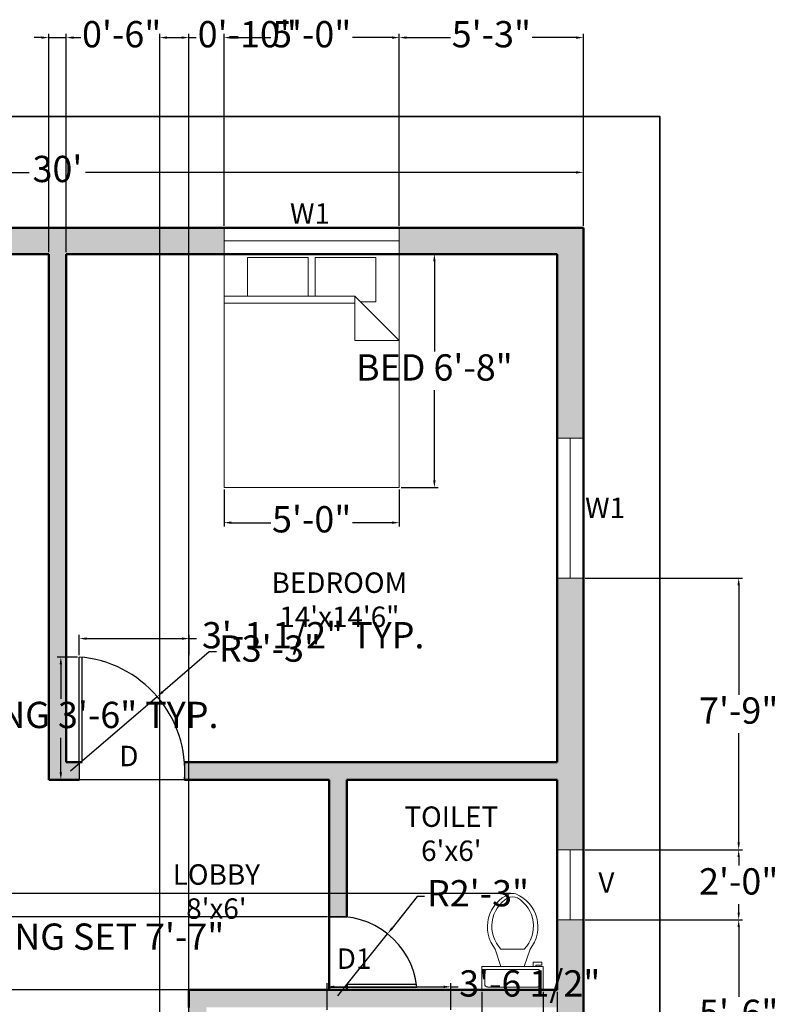
# Model space of a CAD drawing. Units: inches. Extents: x 6193 to 6719, y 6945 to 7563.
# Tile 4 of 4: x 6459 to 6719, y 7219 to 7556. Entities that reach past the tile are written whole.
import ezdxf

# ---------------------------------------------------------------- set-up
doc = ezdxf.new("R2010")
doc.units = ezdxf.units.IN
for name, color, linetype, lineweight in [('A-ANNO-DIMS', 2, 'Continuous', 18), ('A-ANNO-TEXT', 7, 'Continuous', 18), ('A-ANNO-TTLB', 7, 'Continuous', 35), ('A-AREA-IDEN', 7, 'Continuous', 25), ('A-DOOR', 3, 'Continuous', 25), ('A-FLOR-FIXT', 9, 'Continuous', 18), ('A-FURN', 8, 'Continuous', 18), ('A-GLAZ', 4, 'Continuous', 18), ('A-WALL', 7, 'Continuous', 50)]:
    doc.layers.add(name, color=color, linetype=linetype, lineweight=lineweight)
doc.layers.add('A-WALL-PATT', color=18, linetype='Continuous', lineweight=13, true_color=0x000000)
doc.styles.get("Standard").update_dxf_attribs({"font": 'arial.ttf'})
doc.dimstyles.new('ISO-25', dxfattribs={"dimtxt": 9, "dimasz": 2.5, "dimexe": 1.25, "dimexo": 0.625, "dimgap": 2, "dimtad": 0, "dimtih": 1, "dimtoh": 1, "dimdec": 1, "dimlunit": 4, "dimtxsty": 'Standard', "dimcen": 2.5, "dimadec": 0, "dimazin": 0, "dimtfac": 0.5, "dimtdec": 1, "dimtmove": 0, "dimatfit": 3, "dimfxl": 1, "dimarcsym": 0})

# ---------------------------------------------------------------- blocks, each defined once
blk = doc.blocks.new('Bed - Queen')
for p, q in [((0, -80.00003), (0, 0)), ((0, 0), (59.99999, 0)), ((59.99999, 0), (59.99999, -80.00003)), ((7.99999, -1.2), (28.79998, -1.2)), ((7.99999, -14.4), (7.99999, -1.2)), ((28.79998, -1.2), (28.79998, -14.4)), ((31.19999, -1.2), (51.99999, -1.2)), ((31.19999, -14.4), (31.19999, -1.2)), ((51.99999, -1.2), (51.99999, -16.4)), ((0, -14.4), (44.8, -14.4)), ((44.8, -16.8), (0, -16.8)), ((59.99999, -29.6), (44.8, -14.4)), ((44.8, -14.4), (44.8, -29.6)), ((51.99999, -16.4), (46.79936, -16.4)), ((44.8, -29.6), (59.99999, -29.6)), ((59.99999, -80.00003), (0, -80.00003))]:
    blk.add_line(p, q)
blk = doc.blocks.new('*U3')
for p, q in [((9.5, -6), (9.5, -2)), ((-10, -8.5), (-8, -8.5)), ((-10, -9.5), (-10, -8.5)), ((-7, -9.5), (-10, -9.5)), ((-8, -8.5), (-8, -8)), ((-7, -8), (-7, -9.5)), ((-4, -8), (-6, -14)), ((4, -8), (6, -14)), ((4, -14), (-4, -14))]:
    blk.add_line(p, q)
blk.add_lwpolyline([(10.5, -8), (10.5, 0), (-10.5, 0), (-10.5, -8)], close=True)
for points in [[(-9.5, -2), (-9.5, -6)], [(8.5, -1), (-8.5, -1)], [(-8.5, -7), (8.5, -7)]]:
    blk.add_lwpolyline(points)
for centre, radius, start, end in [((-8.62, -1.88), 0.884, 81.8699, 188.1301), ((8.62, -1.88), 0.884, 351.8699, 98.1301), ((-8.62, -6.12), 0.884, 171.8699, 278.1301), ((8.62, -6.12), 0.884, 261.8699, 8.1301), ((3.52, -21.58), 12.17, 141.4691, 247.9714), ((4.2, -21.82), 11.33, 136.3677, 238.9468), ((-3.52, -21.58), 12.17, 292.0284, 38.5307), ((-4.2, -21.82), 11.33, 301.053, 43.6321), ((0, -27.88), 4, 245.7318, 294.2682), ((0, -29), 4, 254.8605, 285.1395)]:
    blk.add_arc(centre, radius, start, end)
blk = doc.blocks.new('*D10')
at = {"layer": 'A-ANNO-DIMS', "color": 0, "lineweight": -2, "transparency": 16777216}
for p, q in [((6292.28, 7485.29), (6292.28, 7504.87)), ((6294.78, 7503.62), (6462.65, 7503.62)), ((6649.78, 7503.62), (6481.92, 7503.62)), ((6652.28, 7485.29), (6652.28, 7504.87))]:
    blk.add_line(p, q, dxfattribs=at)
at = {"layer": 'A-ANNO-DIMS', "color": 0, "transparency": 16777216}
for points in [[(6294.78, 7504.03), (6294.78, 7503.2), (6292.28, 7503.62)], [(6649.78, 7504.03), (6649.78, 7503.2), (6652.28, 7503.62)]]:
    blk.add_solid(points, dxfattribs=at)
at = {"layer": 'Defpoints', "color": 0, "transparency": 16777216}
for p in [(6652.28, 7503.62), (6292.28, 7484.66), (6652.28, 7484.66)]:
    blk.add_point(p, dxfattribs=at)
at = {"layer": 'A-ANNO-DIMS', "color": 0, "transparency": 16777216, "insert": (6472.28, 7503.62), "char_height": 9, "attachment_point": 5}
blk.add_mtext("30'", dxfattribs=at)
blk = doc.blocks.new('DOOR-SWING-36IN')
for p, q in [((0, 6), (0, 42)), ((1, 6), (1, 41.91)), ((0, 6), (0, 0)), ((36, 6), (36, 0))]:
    blk.add_line(p, q)
blk.add_arc((-3, 3), 39.12, 355.6013, 85.6013)
blk = doc.blocks.new('WIN-48IN')
for p, q in [((0, 48), (9, 48)), ((4.5, 48), (4.5, 0)), ((0, 0), (9, 0))]:
    blk.add_line(p, q)
blk = doc.blocks.new('*D16')
at = {"layer": 'A-ANNO-DIMS', "color": 0, "lineweight": -2, "transparency": 16777216}
for p, q in [((6589.91, 7475.66), (6602.53, 7475.66)), ((6601.28, 7473.16), (6601.28, 7442.26)), ((6601.28, 7398.16), (6601.28, 7429.07)), ((6589.91, 7395.66), (6602.53, 7395.66))]:
    blk.add_line(p, q, dxfattribs=at)
at = {"layer": 'A-ANNO-DIMS', "color": 0, "transparency": 16777216}
for points in [[(6600.87, 7473.16), (6601.7, 7473.16), (6601.28, 7475.66)], [(6600.87, 7398.16), (6601.7, 7398.16), (6601.28, 7395.66)]]:
    blk.add_solid(points, dxfattribs=at)
at = {"layer": 'Defpoints', "color": 0, "transparency": 16777216}
for p in [(6589.28, 7475.66), (6601.28, 7475.66), (6589.28, 7395.66)]:
    blk.add_point(p, dxfattribs=at)
at = {"layer": 'A-ANNO-DIMS', "color": 0, "transparency": 16777216, "insert": (6601.28, 7435.66), "char_height": 9, "attachment_point": 5}
blk.add_mtext('BED 6\'-8"', dxfattribs=at)
blk = doc.blocks.new('*D17')
at = {"layer": 'A-ANNO-DIMS', "color": 0, "lineweight": -2, "transparency": 16777216}
for p, q in [((6529.28, 7395.04), (6529.28, 7382.41)), ((6589.28, 7395.04), (6589.28, 7382.41)), ((6531.78, 7383.66), (6545.32, 7383.66)), ((6586.78, 7383.66), (6573.25, 7383.66))]:
    blk.add_line(p, q, dxfattribs=at)
at = {"layer": 'A-ANNO-DIMS', "color": 0, "transparency": 16777216}
for points in [[(6531.78, 7384.08), (6531.78, 7383.25), (6529.28, 7383.66)], [(6586.78, 7384.08), (6586.78, 7383.25), (6589.28, 7383.66)]]:
    blk.add_solid(points, dxfattribs=at)
at = {"layer": 'Defpoints', "color": 0, "transparency": 16777216}
for p in [(6529.28, 7395.66), (6589.28, 7395.66), (6589.28, 7383.66)]:
    blk.add_point(p, dxfattribs=at)
at = {"layer": 'A-ANNO-DIMS', "color": 0, "transparency": 16777216, "insert": (6559.28, 7383.66), "char_height": 9, "attachment_point": 5}
blk.add_mtext('5\'-0"', dxfattribs=at)
blk = doc.blocks.new('*D19')
at = {"layer": 'A-ANNO-DIMS', "color": 0, "lineweight": -2, "transparency": 16777216}
for p, q in [((6564.54, 7216.86), (6564.54, 7225.97)), ((6606.96, 7216.86), (6606.96, 7225.97)), ((6567.04, 7224.72), (6604.46, 7224.72)), ((6606.96, 7224.72), (6609.46, 7224.72))]:
    blk.add_line(p, q, dxfattribs=at)
at = {"layer": 'A-ANNO-DIMS', "color": 0, "transparency": 16777216}
for points in [[(6567.04, 7225.14), (6567.04, 7224.31), (6564.54, 7224.72)], [(6604.46, 7225.14), (6604.46, 7224.31), (6606.96, 7224.72)]]:
    blk.add_solid(points, dxfattribs=at)
at = {"layer": 'Defpoints', "color": 0, "transparency": 16777216}
for p in [(6606.96, 7224.72), (6564.54, 7216.24), (6606.96, 7216.24)]:
    blk.add_point(p, dxfattribs=at)
at = {"layer": 'A-ANNO-DIMS', "color": 0, "transparency": 16777216, "insert": (6633.91, 7224.72), "char_height": 9, "attachment_point": 5}
blk.add_mtext('3\'-6 1/2"', dxfattribs=at)
blk = doc.blocks.new('*D20')
at = {"layer": 'A-ANNO-DIMS', "color": 0, "lineweight": -2, "transparency": 16777216}
for p, q in [((6479.1, 7337.66), (6472.18, 7337.66)), ((6473.43, 7335.16), (6473.43, 7323.32)), ((6473.43, 7298.16), (6473.43, 7310.01)), ((6479.1, 7295.66), (6472.18, 7295.66))]:
    blk.add_line(p, q, dxfattribs=at)
at = {"layer": 'A-ANNO-DIMS', "color": 0, "transparency": 16777216}
for points in [[(6473.01, 7335.16), (6473.84, 7335.16), (6473.43, 7337.66)], [(6473.01, 7298.16), (6473.84, 7298.16), (6473.43, 7295.66)]]:
    blk.add_solid(points, dxfattribs=at)
at = {"layer": 'Defpoints', "color": 0, "transparency": 16777216}
for p in [(6473.43, 7337.66), (6479.73, 7337.66), (6479.73, 7295.66)]:
    blk.add_point(p, dxfattribs=at)
at = {"layer": 'A-ANNO-DIMS', "color": 0, "transparency": 16777216, "insert": (6473.43, 7316.66), "char_height": 9, "attachment_point": 5}
blk.add_mtext('D SWING 3\'-6" TYP.', dxfattribs=at)
blk = doc.blocks.new('*D21')
at = {"layer": 'A-ANNO-DIMS', "color": 0, "lineweight": -2, "transparency": 16777216}
for p, q in [((6479.73, 7338.29), (6479.73, 7345.21)), ((6482.23, 7343.96), (6514.88, 7343.96)), ((6517.38, 7338.29), (6517.38, 7345.21)), ((6517.38, 7343.96), (6519.88, 7343.96))]:
    blk.add_line(p, q, dxfattribs=at)
at = {"layer": 'A-ANNO-DIMS', "color": 0, "transparency": 16777216}
for points in [[(6482.23, 7344.38), (6482.23, 7343.55), (6479.73, 7343.96)], [(6514.88, 7344.38), (6514.88, 7343.55), (6517.38, 7343.96)]]:
    blk.add_solid(points, dxfattribs=at)
at = {"layer": 'Defpoints', "color": 0, "transparency": 16777216}
for p in [(6517.38, 7343.96), (6479.73, 7337.66), (6517.38, 7337.66)]:
    blk.add_point(p, dxfattribs=at)
at = {"layer": 'A-ANNO-DIMS', "color": 0, "transparency": 16777216, "insert": (6559.8, 7343.96), "char_height": 9, "attachment_point": 5}
blk.add_mtext('3\'-1 1/2" TYP.', dxfattribs=at)
blk = doc.blocks.new('*D22')
at = {"layer": 'A-ANNO-DIMS', "color": 0, "lineweight": -2, "transparency": 16777216}
for p, q in [((6336.22, 7253.77), (6336.22, 7239.49)), ((6427.22, 7253.77), (6427.22, 7239.49)), ((6338.72, 7240.74), (6424.72, 7240.74)), ((6427.22, 7240.74), (6429.72, 7240.74))]:
    blk.add_line(p, q, dxfattribs=at)
at = {"layer": 'A-ANNO-DIMS', "color": 0, "transparency": 16777216}
for points in [[(6338.72, 7241.16), (6338.72, 7240.33), (6336.22, 7240.74)], [(6424.72, 7241.16), (6424.72, 7240.33), (6427.22, 7240.74)]]:
    blk.add_solid(points, dxfattribs=at)
at = {"layer": 'Defpoints', "color": 0, "transparency": 16777216}
for p in [(6336.22, 7254.39), (6427.22, 7254.39), (6427.22, 7240.74)]:
    blk.add_point(p, dxfattribs=at)
at = {"layer": 'A-ANNO-DIMS', "color": 0, "transparency": 16777216, "insert": (6481.18, 7240.74), "char_height": 9, "attachment_point": 5}
blk.add_mtext('DINING SET 7\'-7"', dxfattribs=at)
blk = doc.blocks.new('*D39')
at = {"layer": 'A-ANNO-DIMS', "color": 0, "lineweight": -2, "transparency": 16777216}
for p, q in [((6652.91, 7247.66), (6706.68, 7247.66)), ((6705.43, 7245.16), (6705.43, 7221.26)), ((6705.43, 7184.16), (6705.43, 7208.07)), ((6652.91, 7181.66), (6706.68, 7181.66))]:
    blk.add_line(p, q, dxfattribs=at)
at = {"layer": 'A-ANNO-DIMS', "color": 0, "transparency": 16777216}
for points in [[(6705.01, 7245.16), (6705.84, 7245.16), (6705.43, 7247.66)], [(6705.01, 7184.16), (6705.84, 7184.16), (6705.43, 7181.66)]]:
    blk.add_solid(points, dxfattribs=at)
at = {"layer": 'Defpoints', "color": 0, "transparency": 16777216}
for p in [(6652.28, 7247.66), (6705.43, 7247.66), (6652.28, 7181.66)]:
    blk.add_point(p, dxfattribs=at)
at = {"layer": 'A-ANNO-DIMS', "color": 0, "transparency": 16777216, "insert": (6705.43, 7214.66), "char_height": 9, "attachment_point": 5}
blk.add_mtext('5\'-6"', dxfattribs=at)
blk = doc.blocks.new('*D40')
at = {"layer": 'A-ANNO-DIMS', "color": 0, "lineweight": -2, "transparency": 16777216}
for p, q in [((6652.91, 7271.66), (6706.68, 7271.66)), ((6705.43, 7269.16), (6705.43, 7266.26)), ((6705.43, 7250.16), (6705.43, 7253.07)), ((6652.91, 7247.66), (6706.68, 7247.66))]:
    blk.add_line(p, q, dxfattribs=at)
at = {"layer": 'A-ANNO-DIMS', "color": 0, "transparency": 16777216}
for points in [[(6705.01, 7269.16), (6705.84, 7269.16), (6705.43, 7271.66)], [(6705.01, 7250.16), (6705.84, 7250.16), (6705.43, 7247.66)]]:
    blk.add_solid(points, dxfattribs=at)
at = {"layer": 'Defpoints', "color": 0, "transparency": 16777216}
for p in [(6652.28, 7271.66), (6705.43, 7271.66), (6652.28, 7247.66)]:
    blk.add_point(p, dxfattribs=at)
at = {"layer": 'A-ANNO-DIMS', "color": 0, "transparency": 16777216, "insert": (6705.43, 7259.66), "char_height": 9, "attachment_point": 5}
blk.add_mtext('2\'-0"', dxfattribs=at)
blk = doc.blocks.new('*D41')
at = {"layer": 'A-ANNO-DIMS', "color": 0, "lineweight": -2, "transparency": 16777216}
for p, q in [((6652.91, 7364.66), (6706.68, 7364.66)), ((6705.43, 7362.16), (6705.43, 7324.76)), ((6705.43, 7274.16), (6705.43, 7311.57)), ((6652.91, 7271.66), (6706.68, 7271.66))]:
    blk.add_line(p, q, dxfattribs=at)
at = {"layer": 'A-ANNO-DIMS', "color": 0, "transparency": 16777216}
for points in [[(6705.01, 7362.16), (6705.84, 7362.16), (6705.43, 7364.66)], [(6705.01, 7274.16), (6705.84, 7274.16), (6705.43, 7271.66)]]:
    blk.add_solid(points, dxfattribs=at)
at = {"layer": 'Defpoints', "color": 0, "transparency": 16777216}
for p in [(6652.28, 7364.66), (6705.43, 7364.66), (6652.28, 7271.66)]:
    blk.add_point(p, dxfattribs=at)
at = {"layer": 'A-ANNO-DIMS', "color": 0, "transparency": 16777216, "insert": (6705.43, 7318.16), "char_height": 9, "attachment_point": 5}
blk.add_mtext('7\'-9"', dxfattribs=at)
blk = doc.blocks.new('*D42')
at = {"layer": 'A-ANNO-DIMS', "color": 0, "lineweight": -2, "transparency": 16777216}
for p, q in [((6589.28, 7485.29), (6589.28, 7551.02)), ((6591.78, 7549.77), (6606.82, 7549.77)), ((6649.78, 7549.77), (6634.75, 7549.77)), ((6652.28, 7485.29), (6652.28, 7551.02))]:
    blk.add_line(p, q, dxfattribs=at)
at = {"layer": 'A-ANNO-DIMS', "color": 0, "transparency": 16777216}
for points in [[(6591.78, 7550.19), (6591.78, 7549.36), (6589.28, 7549.77)], [(6649.78, 7550.19), (6649.78, 7549.36), (6652.28, 7549.77)]]:
    blk.add_solid(points, dxfattribs=at)
at = {"layer": 'Defpoints', "color": 0, "transparency": 16777216}
for p in [(6652.28, 7549.77), (6589.28, 7484.66), (6652.28, 7484.66)]:
    blk.add_point(p, dxfattribs=at)
at = {"layer": 'A-ANNO-DIMS', "color": 0, "transparency": 16777216, "insert": (6620.78, 7549.77), "char_height": 9, "attachment_point": 5}
blk.add_mtext('5\'-3"', dxfattribs=at)
blk = doc.blocks.new('*D43')
at = {"layer": 'A-ANNO-DIMS', "color": 0, "lineweight": -2, "transparency": 16777216}
for p, q in [((6529.28, 7485.29), (6529.28, 7551.02)), ((6531.78, 7549.77), (6545.32, 7549.77)), ((6586.78, 7549.77), (6573.25, 7549.77)), ((6589.28, 7485.29), (6589.28, 7551.02))]:
    blk.add_line(p, q, dxfattribs=at)
at = {"layer": 'A-ANNO-DIMS', "color": 0, "transparency": 16777216}
for points in [[(6531.78, 7550.19), (6531.78, 7549.36), (6529.28, 7549.77)], [(6586.78, 7550.19), (6586.78, 7549.36), (6589.28, 7549.77)]]:
    blk.add_solid(points, dxfattribs=at)
at = {"layer": 'Defpoints', "color": 0, "transparency": 16777216}
for p in [(6589.28, 7549.77), (6529.28, 7484.66), (6589.28, 7484.66)]:
    blk.add_point(p, dxfattribs=at)
at = {"layer": 'A-ANNO-DIMS', "color": 0, "transparency": 16777216, "insert": (6559.28, 7549.77), "char_height": 9, "attachment_point": 5}
blk.add_mtext('5\'-0"', dxfattribs=at)
blk = doc.blocks.new('*D51')
at = {"layer": 'A-ANNO-DIMS', "color": 0, "lineweight": -2, "transparency": 16777216}
for p, q in [((6507.28, 7092.29), (6507.28, 7551.02)), ((6509.78, 7549.77), (6514.78, 7549.77)), ((6517.28, 7092.29), (6517.28, 7551.02)), ((6517.28, 7549.77), (6519.78, 7549.77))]:
    blk.add_line(p, q, dxfattribs=at)
at = {"layer": 'A-ANNO-DIMS', "color": 0, "transparency": 16777216}
for points in [[(6509.78, 7550.19), (6509.78, 7549.36), (6507.28, 7549.77)], [(6514.78, 7550.19), (6514.78, 7549.36), (6517.28, 7549.77)]]:
    blk.add_solid(points, dxfattribs=at)
at = {"layer": 'Defpoints', "color": 0, "transparency": 16777216}
for p in [(6517.28, 7549.77), (6507.28, 7091.66), (6517.28, 7091.66)]:
    blk.add_point(p, dxfattribs=at)
at = {"layer": 'A-ANNO-DIMS', "color": 0, "transparency": 16777216, "insert": (6537.24, 7549.77), "char_height": 9, "attachment_point": 5}
blk.add_mtext('0\'-10"', dxfattribs=at)
blk = doc.blocks.new('*D53')
at = {"layer": 'A-ANNO-DIMS', "color": 0, "lineweight": -2, "transparency": 16777216}
for p, q in [((6564.66, 7248.66), (6215.49, 7248.66)), ((6216.74, 7246.16), (6216.74, 7242.68)), ((6216.74, 7226.16), (6216.74, 7229.64)), ((6564.66, 7223.66), (6215.49, 7223.66))]:
    blk.add_line(p, q, dxfattribs=at)
at = {"layer": 'A-ANNO-DIMS', "color": 0, "transparency": 16777216}
for points in [[(6216.32, 7246.16), (6217.16, 7246.16), (6216.74, 7248.66)], [(6216.32, 7226.16), (6217.16, 7226.16), (6216.74, 7223.66)]]:
    blk.add_solid(points, dxfattribs=at)
at = {"layer": 'Defpoints', "color": 0, "transparency": 16777216}
for p in [(6216.74, 7248.66), (6565.28, 7248.66), (6565.28, 7223.66)]:
    blk.add_point(p, dxfattribs=at)
at = {"layer": 'A-ANNO-DIMS', "color": 0, "transparency": 16777216, "insert": (6216.74, 7236.16), "char_height": 9, "attachment_point": 5}
blk.add_mtext('2\'-1"', dxfattribs=at)
blk = doc.blocks.new('*D54')
at = {"layer": 'A-ANNO-DIMS', "color": 0, "lineweight": -2, "transparency": 16777216}
for p, q in [((6617.56, 7223.04), (6617.56, 6957.2)), ((6638.56, 7223.04), (6638.56, 6957.2)), ((6620.06, 6958.45), (6636.06, 6958.45)), ((6638.56, 6958.45), (6641.06, 6958.45))]:
    blk.add_line(p, q, dxfattribs=at)
at = {"layer": 'A-ANNO-DIMS', "color": 0, "transparency": 16777216}
for points in [[(6620.06, 6958.86), (6620.06, 6958.03), (6617.56, 6958.45)], [(6636.06, 6958.86), (6636.06, 6958.03), (6638.56, 6958.45)]]:
    blk.add_solid(points, dxfattribs=at)
at = {"layer": 'Defpoints', "color": 0, "transparency": 16777216}
for p in [(6617.56, 7223.66), (6638.56, 7223.66), (6638.56, 6958.45)]:
    blk.add_point(p, dxfattribs=at)
at = {"layer": 'A-ANNO-DIMS', "color": 0, "transparency": 16777216, "insert": (6654.6, 6958.45), "char_height": 9, "attachment_point": 5}
blk.add_mtext('1\'-9"', dxfattribs=at)
blk = doc.blocks.new('*D55')
at = {"layer": 'A-ANNO-DIMS', "color": 0, "lineweight": -2, "transparency": 16777216}
for p, q in [((6627.43, 7256.66), (6215.49, 7256.66)), ((6216.74, 7254.16), (6216.74, 7246.76)), ((6216.74, 7226.16), (6216.74, 7233.57)), ((6616.93, 7223.66), (6215.49, 7223.66))]:
    blk.add_line(p, q, dxfattribs=at)
at = {"layer": 'A-ANNO-DIMS', "color": 0, "transparency": 16777216}
for points in [[(6216.32, 7254.16), (6217.16, 7254.16), (6216.74, 7256.66)], [(6216.32, 7226.16), (6217.16, 7226.16), (6216.74, 7223.66)]]:
    blk.add_solid(points, dxfattribs=at)
at = {"layer": 'Defpoints', "color": 0, "transparency": 16777216}
for p in [(6216.74, 7256.66), (6628.06, 7256.66), (6617.56, 7223.66)]:
    blk.add_point(p, dxfattribs=at)
at = {"layer": 'A-ANNO-DIMS', "color": 0, "transparency": 16777216, "insert": (6216.74, 7240.16), "char_height": 9, "attachment_point": 5}
blk.add_mtext('2\'-9"', dxfattribs=at)
blk = doc.blocks.new('*D56')
at = {"layer": 'A-ANNO-DIMS', "color": 0, "lineweight": -2, "transparency": 16777216}
for p, q in [((6638.56, 7223.04), (6638.56, 6957.2)), ((6643.28, 7223.04), (6643.28, 6957.2)), ((6636.06, 6958.45), (6633.56, 6958.45)), ((6638.56, 6958.45), (6643.28, 6958.45)), ((6645.78, 6958.45), (6648.28, 6958.45))]:
    blk.add_line(p, q, dxfattribs=at)
at = {"layer": 'A-ANNO-DIMS', "color": 0, "transparency": 16777216}
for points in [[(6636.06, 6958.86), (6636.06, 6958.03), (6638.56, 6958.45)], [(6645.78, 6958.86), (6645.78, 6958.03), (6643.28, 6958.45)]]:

**Task instructions:**
Working from the material above, state how many lines contain "centre"; give only the number.

**Result for this task:**
2